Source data
+ + +

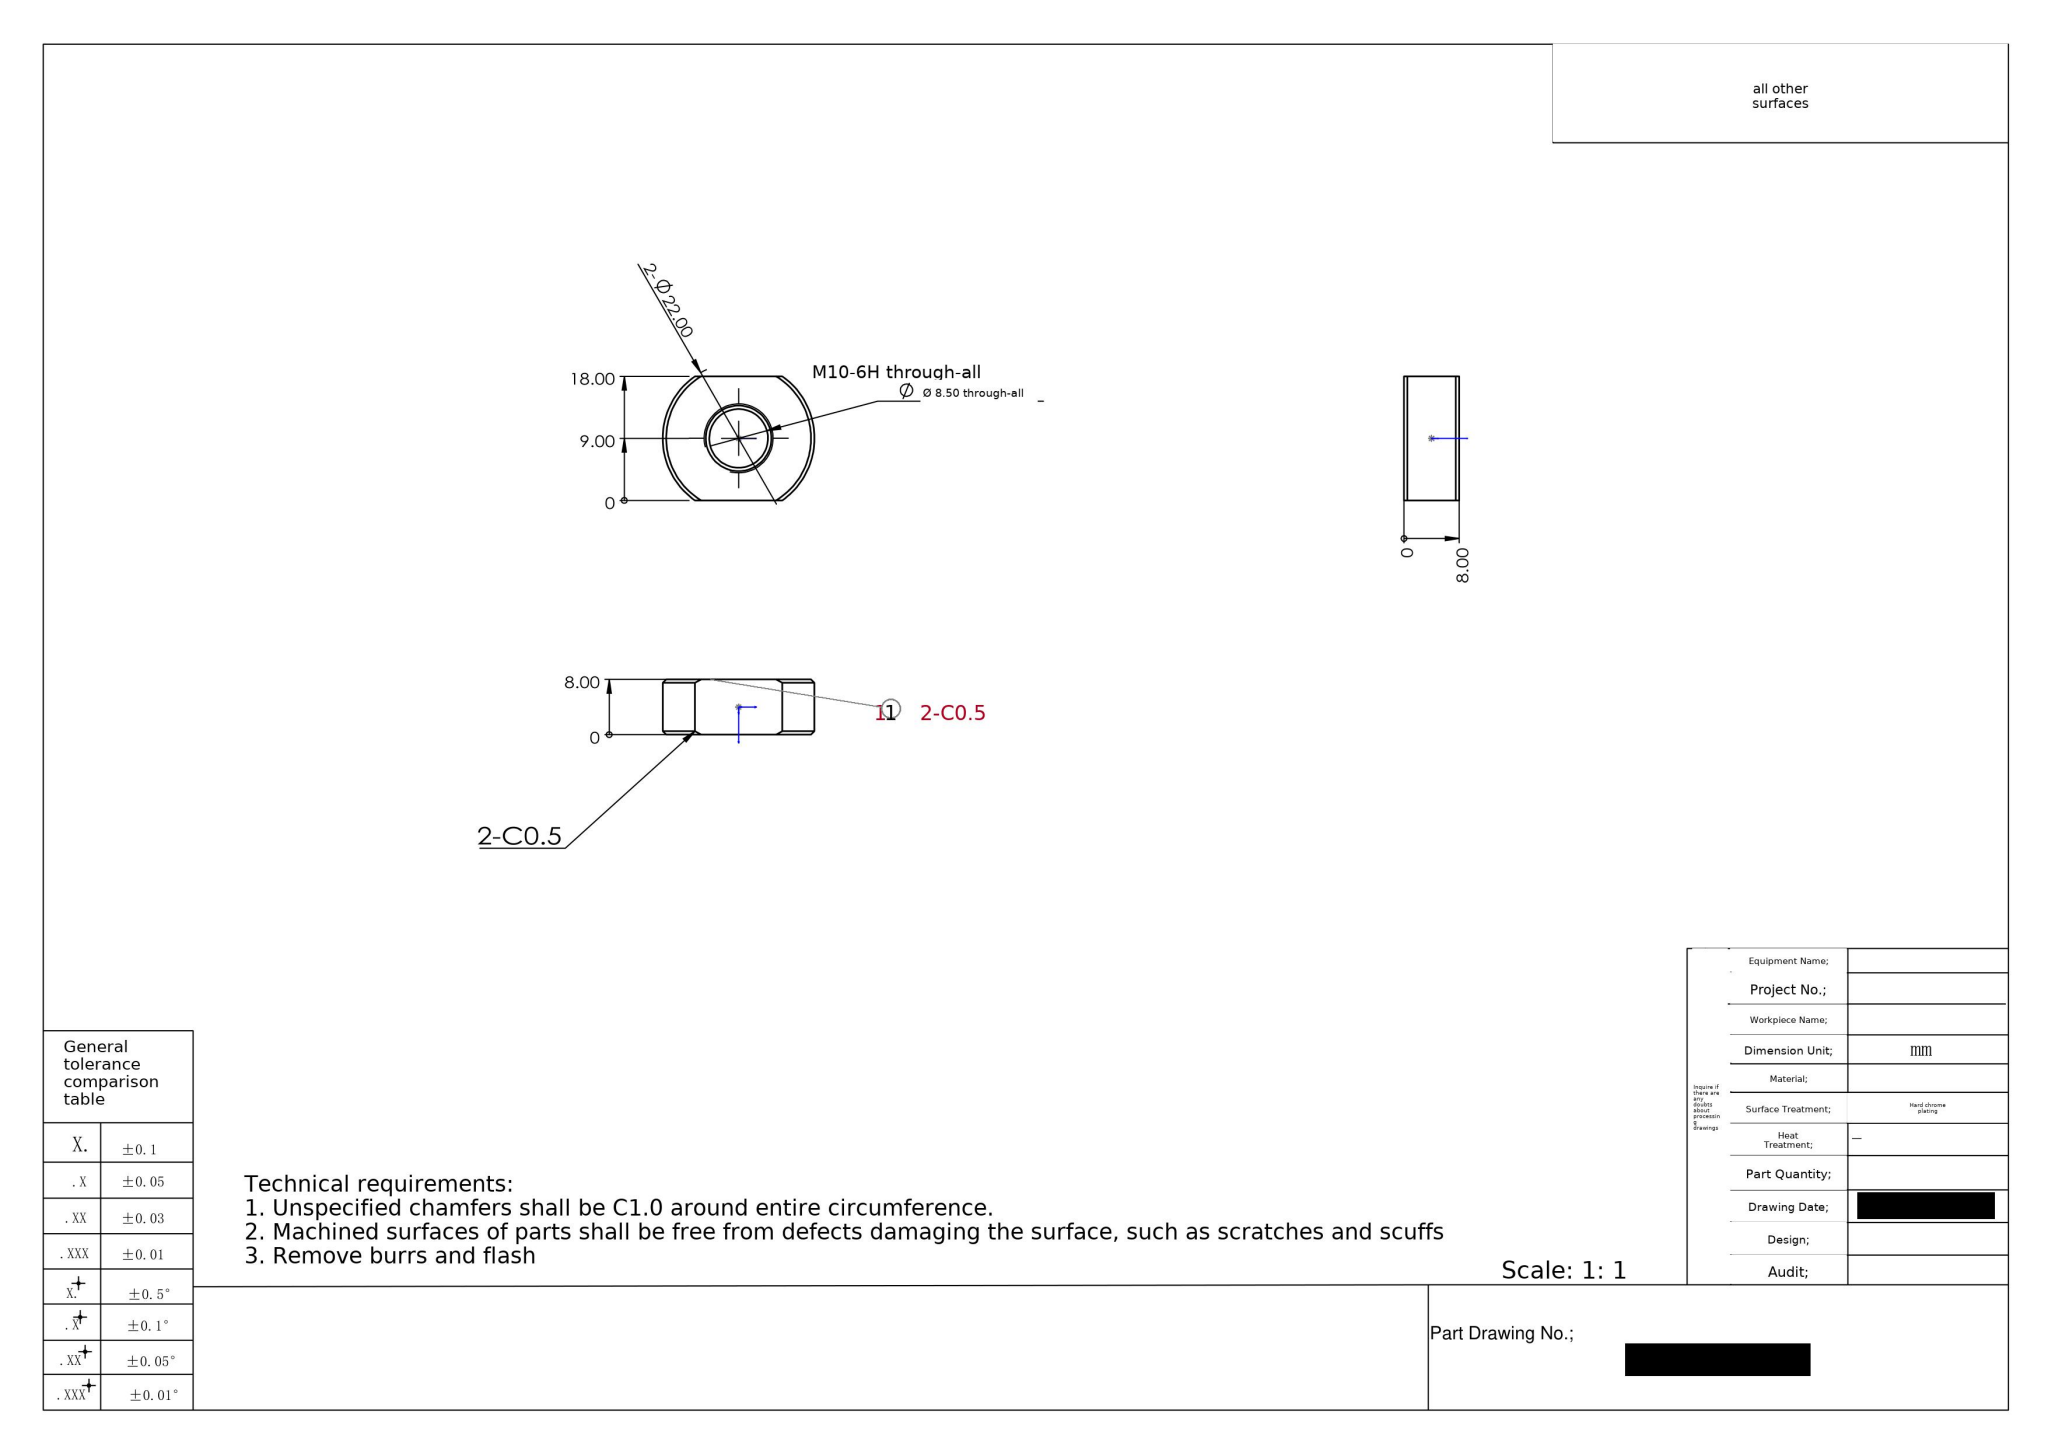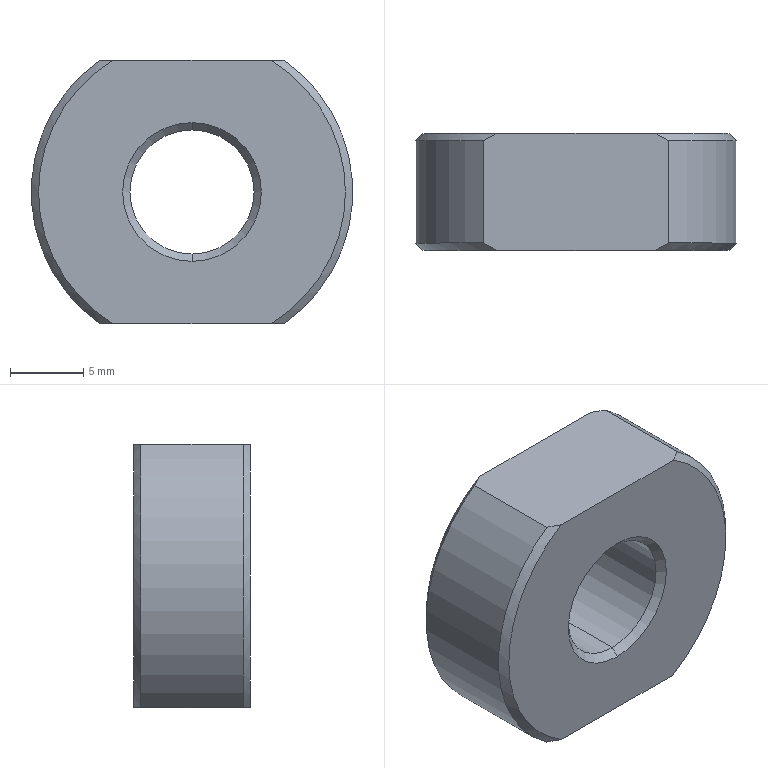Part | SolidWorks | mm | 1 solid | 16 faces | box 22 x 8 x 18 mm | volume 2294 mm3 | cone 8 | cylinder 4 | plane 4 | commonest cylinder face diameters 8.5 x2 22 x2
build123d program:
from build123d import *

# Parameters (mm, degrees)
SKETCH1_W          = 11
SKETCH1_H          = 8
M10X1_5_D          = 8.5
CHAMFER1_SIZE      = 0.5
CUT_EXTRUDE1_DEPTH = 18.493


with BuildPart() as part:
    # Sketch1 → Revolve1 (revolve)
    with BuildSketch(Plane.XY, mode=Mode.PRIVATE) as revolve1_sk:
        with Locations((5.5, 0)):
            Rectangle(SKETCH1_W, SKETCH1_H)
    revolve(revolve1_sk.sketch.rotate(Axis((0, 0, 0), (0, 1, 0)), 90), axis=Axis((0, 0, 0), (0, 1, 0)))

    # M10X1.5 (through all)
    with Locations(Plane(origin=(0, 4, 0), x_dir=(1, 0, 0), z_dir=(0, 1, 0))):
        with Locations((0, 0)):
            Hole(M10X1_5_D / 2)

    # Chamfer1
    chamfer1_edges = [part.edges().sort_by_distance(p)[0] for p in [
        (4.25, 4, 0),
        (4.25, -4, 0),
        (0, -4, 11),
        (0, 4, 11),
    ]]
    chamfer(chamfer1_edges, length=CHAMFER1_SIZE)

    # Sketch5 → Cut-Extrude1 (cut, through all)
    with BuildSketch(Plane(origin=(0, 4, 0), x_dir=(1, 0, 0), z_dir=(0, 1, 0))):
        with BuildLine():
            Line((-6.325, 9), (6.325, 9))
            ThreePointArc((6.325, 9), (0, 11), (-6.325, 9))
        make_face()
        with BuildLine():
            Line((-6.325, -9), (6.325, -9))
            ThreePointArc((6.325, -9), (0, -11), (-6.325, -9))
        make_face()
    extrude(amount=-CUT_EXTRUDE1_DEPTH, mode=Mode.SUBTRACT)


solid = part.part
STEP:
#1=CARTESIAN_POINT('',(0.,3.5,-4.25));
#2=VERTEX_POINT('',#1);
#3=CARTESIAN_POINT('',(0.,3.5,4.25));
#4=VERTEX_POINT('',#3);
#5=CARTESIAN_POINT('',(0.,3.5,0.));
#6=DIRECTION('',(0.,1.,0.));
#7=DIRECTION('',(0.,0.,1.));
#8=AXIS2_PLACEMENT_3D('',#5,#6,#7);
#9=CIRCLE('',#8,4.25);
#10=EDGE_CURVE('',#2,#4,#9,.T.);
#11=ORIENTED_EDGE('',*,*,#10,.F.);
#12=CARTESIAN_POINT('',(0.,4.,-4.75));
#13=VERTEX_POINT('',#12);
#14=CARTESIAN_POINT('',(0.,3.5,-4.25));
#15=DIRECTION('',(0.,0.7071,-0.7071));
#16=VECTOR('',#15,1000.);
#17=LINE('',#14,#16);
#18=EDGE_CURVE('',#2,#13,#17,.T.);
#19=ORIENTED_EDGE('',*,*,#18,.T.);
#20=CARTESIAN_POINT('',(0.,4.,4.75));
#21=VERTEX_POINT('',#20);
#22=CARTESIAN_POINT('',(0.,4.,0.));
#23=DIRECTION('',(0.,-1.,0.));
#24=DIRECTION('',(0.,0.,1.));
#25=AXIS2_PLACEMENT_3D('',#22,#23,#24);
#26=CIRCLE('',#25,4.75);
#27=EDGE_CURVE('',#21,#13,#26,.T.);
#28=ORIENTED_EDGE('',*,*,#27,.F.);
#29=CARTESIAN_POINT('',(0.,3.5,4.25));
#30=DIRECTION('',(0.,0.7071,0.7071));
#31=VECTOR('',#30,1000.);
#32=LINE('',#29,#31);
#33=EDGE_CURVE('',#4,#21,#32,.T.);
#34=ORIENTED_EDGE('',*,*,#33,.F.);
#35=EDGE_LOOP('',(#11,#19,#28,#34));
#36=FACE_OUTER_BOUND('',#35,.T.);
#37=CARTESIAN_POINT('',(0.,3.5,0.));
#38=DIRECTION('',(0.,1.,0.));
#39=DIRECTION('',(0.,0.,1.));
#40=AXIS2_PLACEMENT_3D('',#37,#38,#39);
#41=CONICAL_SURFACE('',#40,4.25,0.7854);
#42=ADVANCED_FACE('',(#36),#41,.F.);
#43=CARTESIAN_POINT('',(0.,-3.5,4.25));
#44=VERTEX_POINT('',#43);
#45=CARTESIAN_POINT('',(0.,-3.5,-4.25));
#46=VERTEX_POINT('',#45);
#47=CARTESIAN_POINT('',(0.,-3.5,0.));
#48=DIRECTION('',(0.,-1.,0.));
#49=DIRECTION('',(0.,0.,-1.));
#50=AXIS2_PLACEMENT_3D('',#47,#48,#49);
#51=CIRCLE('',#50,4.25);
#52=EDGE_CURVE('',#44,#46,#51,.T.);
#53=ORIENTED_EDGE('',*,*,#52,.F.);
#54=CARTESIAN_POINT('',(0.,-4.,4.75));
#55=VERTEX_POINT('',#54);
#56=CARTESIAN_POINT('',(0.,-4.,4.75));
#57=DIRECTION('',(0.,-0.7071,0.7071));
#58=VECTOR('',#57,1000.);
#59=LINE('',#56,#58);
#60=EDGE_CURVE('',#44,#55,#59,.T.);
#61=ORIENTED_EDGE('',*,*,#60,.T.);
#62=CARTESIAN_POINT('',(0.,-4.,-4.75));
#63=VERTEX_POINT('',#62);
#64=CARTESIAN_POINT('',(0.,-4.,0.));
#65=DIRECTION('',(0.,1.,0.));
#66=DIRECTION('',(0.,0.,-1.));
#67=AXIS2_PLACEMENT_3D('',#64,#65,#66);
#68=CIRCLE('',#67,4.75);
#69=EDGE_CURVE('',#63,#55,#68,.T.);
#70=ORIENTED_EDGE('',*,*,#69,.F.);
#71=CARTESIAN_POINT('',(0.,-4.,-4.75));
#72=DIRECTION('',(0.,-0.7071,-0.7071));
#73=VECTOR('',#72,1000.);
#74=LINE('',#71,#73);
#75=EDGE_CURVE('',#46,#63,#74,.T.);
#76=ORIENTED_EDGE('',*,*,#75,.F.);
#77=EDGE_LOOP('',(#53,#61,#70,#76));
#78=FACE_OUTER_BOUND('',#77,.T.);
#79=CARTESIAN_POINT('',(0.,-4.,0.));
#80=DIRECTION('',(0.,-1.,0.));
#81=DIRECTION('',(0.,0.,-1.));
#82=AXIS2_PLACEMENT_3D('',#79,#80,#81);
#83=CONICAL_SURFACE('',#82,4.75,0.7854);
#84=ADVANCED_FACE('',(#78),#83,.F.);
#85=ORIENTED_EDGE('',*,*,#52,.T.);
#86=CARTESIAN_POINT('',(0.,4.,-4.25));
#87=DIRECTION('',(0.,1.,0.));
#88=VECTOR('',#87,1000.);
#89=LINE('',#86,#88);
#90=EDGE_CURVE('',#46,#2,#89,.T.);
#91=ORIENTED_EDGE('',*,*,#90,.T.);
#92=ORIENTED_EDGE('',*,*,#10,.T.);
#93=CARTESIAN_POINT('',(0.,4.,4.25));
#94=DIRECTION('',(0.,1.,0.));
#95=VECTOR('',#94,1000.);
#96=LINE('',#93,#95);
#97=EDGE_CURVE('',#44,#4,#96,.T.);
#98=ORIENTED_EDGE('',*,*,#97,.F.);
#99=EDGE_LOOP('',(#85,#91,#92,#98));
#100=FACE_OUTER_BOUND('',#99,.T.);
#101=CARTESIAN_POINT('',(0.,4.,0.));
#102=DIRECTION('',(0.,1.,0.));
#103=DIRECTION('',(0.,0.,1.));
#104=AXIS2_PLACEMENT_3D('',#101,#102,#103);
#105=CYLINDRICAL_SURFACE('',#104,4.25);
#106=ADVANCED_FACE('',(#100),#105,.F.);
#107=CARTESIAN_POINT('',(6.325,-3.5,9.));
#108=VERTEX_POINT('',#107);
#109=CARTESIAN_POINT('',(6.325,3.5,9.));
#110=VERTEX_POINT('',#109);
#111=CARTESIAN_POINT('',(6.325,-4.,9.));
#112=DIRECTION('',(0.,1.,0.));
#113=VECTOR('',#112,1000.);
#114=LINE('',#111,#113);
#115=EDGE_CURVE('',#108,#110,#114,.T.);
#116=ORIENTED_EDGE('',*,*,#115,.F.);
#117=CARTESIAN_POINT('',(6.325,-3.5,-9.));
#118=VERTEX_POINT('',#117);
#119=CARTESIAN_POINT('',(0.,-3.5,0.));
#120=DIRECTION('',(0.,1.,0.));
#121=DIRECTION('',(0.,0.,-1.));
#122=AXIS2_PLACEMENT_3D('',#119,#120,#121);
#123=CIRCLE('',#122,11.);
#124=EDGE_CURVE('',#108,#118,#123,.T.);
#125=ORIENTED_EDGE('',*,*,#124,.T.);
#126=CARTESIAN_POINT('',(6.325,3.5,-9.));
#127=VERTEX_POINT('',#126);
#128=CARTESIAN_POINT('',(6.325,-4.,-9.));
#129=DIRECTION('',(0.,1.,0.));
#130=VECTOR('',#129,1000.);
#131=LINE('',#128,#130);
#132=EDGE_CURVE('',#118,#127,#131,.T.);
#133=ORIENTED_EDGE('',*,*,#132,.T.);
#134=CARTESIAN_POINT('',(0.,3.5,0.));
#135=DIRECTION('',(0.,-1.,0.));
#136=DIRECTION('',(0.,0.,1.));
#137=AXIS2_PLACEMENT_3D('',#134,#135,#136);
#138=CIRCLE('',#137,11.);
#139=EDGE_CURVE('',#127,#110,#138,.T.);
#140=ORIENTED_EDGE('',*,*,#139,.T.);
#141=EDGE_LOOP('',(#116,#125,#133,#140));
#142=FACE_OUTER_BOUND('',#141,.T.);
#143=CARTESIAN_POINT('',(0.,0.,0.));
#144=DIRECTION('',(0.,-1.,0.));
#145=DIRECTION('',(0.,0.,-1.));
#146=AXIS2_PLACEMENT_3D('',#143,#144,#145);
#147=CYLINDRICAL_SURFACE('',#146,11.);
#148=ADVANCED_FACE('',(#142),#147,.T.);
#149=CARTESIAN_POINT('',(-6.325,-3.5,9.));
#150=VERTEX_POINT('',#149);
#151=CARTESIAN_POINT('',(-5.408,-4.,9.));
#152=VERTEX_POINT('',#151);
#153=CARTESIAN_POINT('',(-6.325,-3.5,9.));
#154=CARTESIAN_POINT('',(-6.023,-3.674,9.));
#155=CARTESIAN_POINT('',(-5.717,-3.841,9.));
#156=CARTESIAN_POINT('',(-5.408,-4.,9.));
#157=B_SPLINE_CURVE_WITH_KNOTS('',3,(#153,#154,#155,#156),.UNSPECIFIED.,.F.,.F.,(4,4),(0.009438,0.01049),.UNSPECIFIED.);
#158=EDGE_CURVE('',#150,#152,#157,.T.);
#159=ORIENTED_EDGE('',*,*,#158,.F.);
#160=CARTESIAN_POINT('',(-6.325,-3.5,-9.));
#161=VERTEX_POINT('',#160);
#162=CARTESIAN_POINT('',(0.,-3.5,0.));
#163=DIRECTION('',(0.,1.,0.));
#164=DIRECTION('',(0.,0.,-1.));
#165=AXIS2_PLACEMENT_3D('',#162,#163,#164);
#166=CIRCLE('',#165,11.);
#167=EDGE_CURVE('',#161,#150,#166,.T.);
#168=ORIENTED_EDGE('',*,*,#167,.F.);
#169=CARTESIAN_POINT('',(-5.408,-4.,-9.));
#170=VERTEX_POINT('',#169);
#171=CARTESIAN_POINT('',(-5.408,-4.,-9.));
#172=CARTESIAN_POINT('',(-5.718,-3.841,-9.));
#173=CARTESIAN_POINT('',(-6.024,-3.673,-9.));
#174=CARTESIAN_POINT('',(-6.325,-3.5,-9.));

+ + +

Exercise requirements: What do the lines above say from the one containing "#53=ORIENTED_EDGE('',*,*,#52,.F.);" down to the one containing "#83=CONICAL_SURFACE('',#82,4.75,0.7854);"? Return them exactly, both end lines included, and only them.

Expected answer:
#53=ORIENTED_EDGE('',*,*,#52,.F.);
#54=CARTESIAN_POINT('',(0.,-4.,4.75));
#55=VERTEX_POINT('',#54);
#56=CARTESIAN_POINT('',(0.,-4.,4.75));
#57=DIRECTION('',(0.,-0.7071,0.7071));
#58=VECTOR('',#57,1000.);
#59=LINE('',#56,#58);
#60=EDGE_CURVE('',#44,#55,#59,.T.);
#61=ORIENTED_EDGE('',*,*,#60,.T.);
#62=CARTESIAN_POINT('',(0.,-4.,-4.75));
#63=VERTEX_POINT('',#62);
#64=CARTESIAN_POINT('',(0.,-4.,0.));
#65=DIRECTION('',(0.,1.,0.));
#66=DIRECTION('',(0.,0.,-1.));
#67=AXIS2_PLACEMENT_3D('',#64,#65,#66);
#68=CIRCLE('',#67,4.75);
#69=EDGE_CURVE('',#63,#55,#68,.T.);
#70=ORIENTED_EDGE('',*,*,#69,.F.);
#71=CARTESIAN_POINT('',(0.,-4.,-4.75));
#72=DIRECTION('',(0.,-0.7071,-0.7071));
#73=VECTOR('',#72,1000.);
#74=LINE('',#71,#73);
#75=EDGE_CURVE('',#46,#63,#74,.T.);
#76=ORIENTED_EDGE('',*,*,#75,.F.);
#77=EDGE_LOOP('',(#53,#61,#70,#76));
#78=FACE_OUTER_BOUND('',#77,.T.);
#79=CARTESIAN_POINT('',(0.,-4.,0.));
#80=DIRECTION('',(0.,-1.,0.));
#81=DIRECTION('',(0.,0.,-1.));
#82=AXIS2_PLACEMENT_3D('',#79,#80,#81);
#83=CONICAL_SURFACE('',#82,4.75,0.7854);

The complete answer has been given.